Collection entries:
Content starts
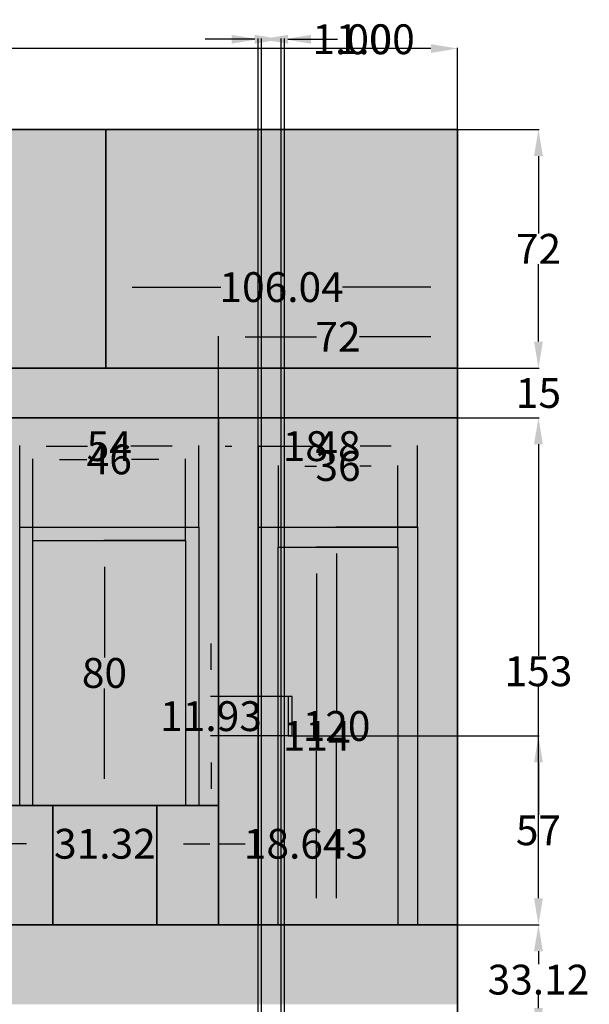
# Model space of a CAD drawing. Units: inches. Extents: x 207 to 609, y 30 to 576.
# Tile 4 of 4: x 418 to 589, y 279 to 576. Entities that reach past the tile are written whole.
import ezdxf

# ---------------------------------------------------------------- set-up
doc = ezdxf.new("R2010")
doc.units = ezdxf.units.IN
doc.header["$MEASUREMENT"] = 0
for name, color, linetype, lineweight in [('A-ANNO-DIMS', 2, 'Continuous', 18), ('A-DOOR', 3, 'Continuous', 25), ('A-ELEV', 7, 'Continuous', 35), ('A-ELEV-PATT', 251, 'Continuous', 13), ('A-ELEV-PATT-WOOD', 19, 'Continuous', 13), ('A-GLAZ', 4, 'Continuous', 25), ('A-GLAZ-PATT', 49, 'Continuous', 13)]:
    doc.layers.add(name, color=color, linetype=linetype, lineweight=lineweight)
doc.styles.get("Standard").update_dxf_attribs({"font": 'arial.ttf'})
doc.dimstyles.get("Standard").update_dxf_attribs({"dimtxt": 9, "dimasz": 8, "dimexe": 0.18, "dimexo": 0.0625, "dimgap": 0.09, "dimtad": 0, "dimtih": 1, "dimtoh": 1, "dimdec": 0, "dimzin": 0, "dimdsep": 46, "dimlunit": 3, "dimtxsty": 'Standard', "dimcen": 0.09, "dimadec": 0, "dimazin": 0, "dimtfac": 1, "dimtdec": 0, "dimtofl": 0, "dimtmove": 0, "dimatfit": 3, "dimfxl": 1, "dimtolj": 1, "dimtzin": 0, "dimarcsym": 0})

# ---------------------------------------------------------------- blocks, each defined once
blk = doc.blocks.new('*D7')
at = {"layer": 'A-ANNO-DIMS', "color": 0, "lineweight": -2, "transparency": 16777216}
for p, q in [((249.7, 542.85), (249.7, 567.42)), ((257.7, 567.24), (389.68, 567.24)), ((541.7, 567.24), (409.71, 567.24)), ((549.7, 542.85), (549.7, 567.42))]:
    blk.add_line(p, q, dxfattribs=at)
at = {"layer": 'A-ANNO-DIMS', "color": 0, "transparency": 16777216}
for points in [[(257.7, 568.57), (257.7, 565.9), (249.7, 567.24)], [(541.7, 568.57), (541.7, 565.9), (549.7, 567.24)]]:
    blk.add_solid(points, dxfattribs=at)
at = {"layer": 'Defpoints', "color": 0, "transparency": 16777216}
for p in [(549.7, 567.24), (249.7, 542.79), (549.7, 542.79)]:
    blk.add_point(p, dxfattribs=at)
at = {"layer": 'A-ANNO-DIMS', "color": 0, "transparency": 16777216, "insert": (399.7, 567.24), "char_height": 9, "attachment_point": 5}
blk.add_mtext('\\A1;300', dxfattribs=at)
blk = doc.blocks.new('*D9')
at = {"layer": 'A-ANNO-DIMS', "color": 0, "lineweight": -2, "transparency": 16777216}
for p, q in [((443.66, 470.85), (443.66, 495.42)), ((451.66, 495.24), (478.35, 495.24)), ((541.7, 495.24), (515.01, 495.24)), ((549.7, 470.85), (549.7, 495.42))]:
    blk.add_line(p, q, dxfattribs=at)
at = {"layer": 'A-ANNO-DIMS', "color": 0, "transparency": 16777216}
for points in [[(451.66, 496.57), (451.66, 493.9), (443.66, 495.24)], [(541.7, 496.57), (541.7, 493.9), (549.7, 495.24)]]:
    blk.add_solid(points, dxfattribs=at)
at = {"layer": 'Defpoints', "color": 0, "transparency": 16777216}
for p in [(549.7, 495.24), (443.66, 470.79), (549.7, 470.79)]:
    blk.add_point(p, dxfattribs=at)
at = {"layer": 'A-ANNO-DIMS', "color": 0, "transparency": 16777216, "insert": (496.68, 495.24), "char_height": 9, "attachment_point": 5}
blk.add_mtext('\\A1;106.04', dxfattribs=at)
blk = doc.blocks.new('*D22')
at = {"layer": 'A-ANNO-DIMS', "color": 0, "lineweight": -2, "transparency": 16777216}
for p, q in [((549.76, 302.79), (574.33, 302.79)), ((574.15, 294.79), (574.15, 290.91)), ((574.15, 277.66), (574.15, 281.54)), ((534.66, 269.66), (574.33, 269.66))]:
    blk.add_line(p, q, dxfattribs=at)
at = {"layer": 'A-ANNO-DIMS', "color": 0, "transparency": 16777216}
for points in [[(572.81, 294.79), (575.48, 294.79), (574.15, 302.79)], [(572.81, 277.66), (575.48, 277.66), (574.15, 269.66)]]:
    blk.add_solid(points, dxfattribs=at)
at = {"layer": 'Defpoints', "color": 0, "transparency": 16777216}
for p in [(549.7, 302.79), (574.15, 302.79), (534.6, 269.66)]:
    blk.add_point(p, dxfattribs=at)
at = {"layer": 'A-ANNO-DIMS', "color": 0, "transparency": 16777216, "insert": (574.15, 286.23), "char_height": 9, "attachment_point": 5}
blk.add_mtext('\\A1;33.12', dxfattribs=at)
blk = doc.blocks.new('*D23')
at = {"layer": 'A-ANNO-DIMS', "color": 0, "lineweight": -2, "transparency": 16777216}
for p, q in [((549.76, 455.79), (574.33, 455.79)), ((574.15, 447.79), (574.15, 383.97)), ((574.15, 310.79), (574.15, 374.6)), ((549.76, 302.79), (574.33, 302.79))]:
    blk.add_line(p, q, dxfattribs=at)
at = {"layer": 'A-ANNO-DIMS', "color": 0, "transparency": 16777216}
for points in [[(572.81, 447.79), (575.48, 447.79), (574.15, 455.79)], [(572.81, 310.79), (575.48, 310.79), (574.15, 302.79)]]:
    blk.add_solid(points, dxfattribs=at)
at = {"layer": 'Defpoints', "color": 0, "transparency": 16777216}
for p in [(549.7, 455.79), (574.15, 455.79), (549.7, 302.79)]:
    blk.add_point(p, dxfattribs=at)
at = {"layer": 'A-ANNO-DIMS', "color": 0, "transparency": 16777216, "insert": (574.15, 379.29), "char_height": 9, "attachment_point": 5}
blk.add_mtext('\\A1;153', dxfattribs=at)
blk = doc.blocks.new('*D24')
at = {"layer": 'A-ANNO-DIMS', "color": 0, "lineweight": -2, "transparency": 16777216}
for p, q in [((574.15, 478.79), (574.15, 486.79)), ((549.76, 470.79), (574.33, 470.79)), ((549.76, 455.79), (574.33, 455.79)), ((574.15, 447.79), (574.15, 439.79))]:
    blk.add_line(p, q, dxfattribs=at)
at = {"layer": 'A-ANNO-DIMS', "color": 0, "transparency": 16777216}
for points in [[(572.81, 478.79), (575.48, 478.79), (574.15, 470.79)], [(572.81, 447.79), (575.48, 447.79), (574.15, 455.79)]]:
    blk.add_solid(points, dxfattribs=at)
at = {"layer": 'Defpoints', "color": 0, "transparency": 16777216}
for p in [(549.7, 470.79), (574.15, 470.79), (549.7, 455.79)]:
    blk.add_point(p, dxfattribs=at)
at = {"layer": 'A-ANNO-DIMS', "color": 0, "transparency": 16777216, "insert": (574.15, 463.29), "char_height": 9, "attachment_point": 5}
blk.add_mtext('\\A1;15', dxfattribs=at)
blk = doc.blocks.new('*D25')
at = {"layer": 'A-ANNO-DIMS', "color": 0, "lineweight": -2, "transparency": 16777216}
for p, q in [((549.76, 542.79), (574.33, 542.79)), ((574.15, 534.79), (574.15, 511.39)), ((574.15, 478.79), (574.15, 502.18)), ((549.76, 470.79), (574.33, 470.79))]:
    blk.add_line(p, q, dxfattribs=at)
at = {"layer": 'A-ANNO-DIMS', "color": 0, "transparency": 16777216}
for points in [[(572.81, 534.79), (575.48, 534.79), (574.15, 542.79)], [(572.81, 478.79), (575.48, 478.79), (574.15, 470.79)]]:
    blk.add_solid(points, dxfattribs=at)
at = {"layer": 'Defpoints', "color": 0, "transparency": 16777216}
for p in [(549.7, 542.79), (574.15, 542.79), (549.7, 470.79)]:
    blk.add_point(p, dxfattribs=at)
at = {"layer": 'A-ANNO-DIMS', "color": 0, "transparency": 16777216, "insert": (574.15, 506.79), "char_height": 9, "attachment_point": 5}
blk.add_mtext('\\A1;72', dxfattribs=at)
blk = doc.blocks.new('*D42')
at = {"layer": 'A-ANNO-DIMS', "color": 0, "lineweight": -2, "transparency": 16777216}
for p, q in [((477.7, 455.85), (477.7, 480.42)), ((485.7, 480.24), (507.24, 480.24)), ((541.7, 480.24), (520.15, 480.24)), ((549.7, 455.85), (549.7, 480.42))]:
    blk.add_line(p, q, dxfattribs=at)
at = {"layer": 'A-ANNO-DIMS', "color": 0, "transparency": 16777216}
for points in [[(485.7, 481.57), (485.7, 478.9), (477.7, 480.24)], [(541.7, 481.57), (541.7, 478.9), (549.7, 480.24)]]:
    blk.add_solid(points, dxfattribs=at)
at = {"layer": 'Defpoints', "color": 0, "transparency": 16777216}
for p in [(549.7, 480.24), (477.7, 455.79), (549.7, 455.79)]:
    blk.add_point(p, dxfattribs=at)
at = {"layer": 'A-ANNO-DIMS', "color": 0, "transparency": 16777216, "insert": (513.7, 480.24), "char_height": 9, "attachment_point": 5}
blk.add_mtext('\\A1;72', dxfattribs=at)
blk = doc.blocks.new('*D44')
at = {"layer": 'A-ANNO-DIMS', "color": 0, "lineweight": -2, "transparency": 16777216}
for p, q in [((417.7, 422.85), (417.7, 447.42)), ((425.7, 447.24), (438.18, 447.24)), ((463.7, 447.24), (451.21, 447.24)), ((471.7, 422.85), (471.7, 447.42))]:
    blk.add_line(p, q, dxfattribs=at)
at = {"layer": 'A-ANNO-DIMS', "color": 0, "transparency": 16777216}
for points in [[(425.7, 448.57), (425.7, 445.9), (417.7, 447.24)], [(463.7, 448.57), (463.7, 445.9), (471.7, 447.24)]]:
    blk.add_solid(points, dxfattribs=at)
at = {"layer": 'Defpoints', "color": 0, "transparency": 16777216}
for p in [(471.7, 447.24), (417.7, 422.79), (471.7, 422.79)]:
    blk.add_point(p, dxfattribs=at)
at = {"layer": 'A-ANNO-DIMS', "color": 0, "transparency": 16777216, "insert": (444.7, 447.24), "char_height": 9, "attachment_point": 5}
blk.add_mtext('\\A1;54', dxfattribs=at)
blk = doc.blocks.new('*D45')
at = {"layer": 'A-ANNO-DIMS', "color": 0, "lineweight": -2, "transparency": 16777216}
for p, q in [((471.7, 422.85), (471.7, 447.42)), ((479.7, 447.24), (481.7, 447.24)), ((489.7, 422.85), (489.7, 447.42)), ((489.7, 447.24), (497.7, 447.24))]:
    blk.add_line(p, q, dxfattribs=at)
at = {"layer": 'A-ANNO-DIMS', "color": 0, "transparency": 16777216}
for points in [[(479.7, 448.57), (479.7, 445.9), (471.7, 447.24)], [(481.7, 448.57), (481.7, 445.9), (489.7, 447.24)]]:
    blk.add_solid(points, dxfattribs=at)
at = {"layer": 'Defpoints', "color": 0, "transparency": 16777216}
for p in [(489.7, 447.24), (471.7, 422.79), (489.7, 422.79)]:
    blk.add_point(p, dxfattribs=at)
at = {"layer": 'A-ANNO-DIMS', "color": 0, "transparency": 16777216, "insert": (503.82, 447.24), "char_height": 9, "attachment_point": 5}
blk.add_mtext('\\A1;18', dxfattribs=at)
blk = doc.blocks.new('*D46')
at = {"layer": 'A-ANNO-DIMS', "color": 0, "lineweight": -2, "transparency": 16777216}
for p, q in [((489.7, 422.85), (489.7, 447.42)), ((497.7, 447.24), (506.97, 447.24)), ((529.7, 447.24), (520.42, 447.24)), ((537.7, 422.85), (537.7, 447.42))]:
    blk.add_line(p, q, dxfattribs=at)
at = {"layer": 'A-ANNO-DIMS', "color": 0, "transparency": 16777216}
for points in [[(497.7, 448.57), (497.7, 445.9), (489.7, 447.24)], [(529.7, 448.57), (529.7, 445.9), (537.7, 447.24)]]:
    blk.add_solid(points, dxfattribs=at)
at = {"layer": 'Defpoints', "color": 0, "transparency": 16777216}
for p in [(537.7, 447.24), (489.7, 422.79), (537.7, 422.79)]:
    blk.add_point(p, dxfattribs=at)
at = {"layer": 'A-ANNO-DIMS', "color": 0, "transparency": 16777216, "insert": (513.7, 447.24), "char_height": 9, "attachment_point": 5}
blk.add_mtext('\\A1;48', dxfattribs=at)
blk = doc.blocks.new('*D48')
at = {"layer": 'A-ANNO-DIMS', "color": 0, "lineweight": -2, "transparency": 16777216}
for p, q in [((367.66, 302.85), (367.66, 327.42)), ((375.66, 327.24), (382.4, 327.24)), ((419.73, 327.24), (413, 327.24)), ((427.73, 302.85), (427.73, 327.42))]:
    blk.add_line(p, q, dxfattribs=at)
at = {"layer": 'A-ANNO-DIMS', "color": 0, "transparency": 16777216}
for points in [[(375.66, 328.57), (375.66, 325.9), (367.66, 327.24)], [(419.73, 328.57), (419.73, 325.9), (427.73, 327.24)]]:
    blk.add_solid(points, dxfattribs=at)
at = {"layer": 'Defpoints', "color": 0, "transparency": 16777216}
for p in [(427.73, 327.24), (367.66, 302.79), (427.73, 302.79)]:
    blk.add_point(p, dxfattribs=at)
at = {"layer": 'A-ANNO-DIMS', "color": 0, "transparency": 16777216, "insert": (397.7, 327.24), "char_height": 9, "attachment_point": 5}
blk.add_mtext('\\A1;60.07', dxfattribs=at)
blk = doc.blocks.new('*D49')
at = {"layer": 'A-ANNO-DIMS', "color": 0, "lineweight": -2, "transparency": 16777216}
Content ends
Among the lines of the data above, find those with the word "ezdxf" and show them.

import ezdxf
doc = ezdxf.new("R2010")
doc.units = ezdxf.units.IN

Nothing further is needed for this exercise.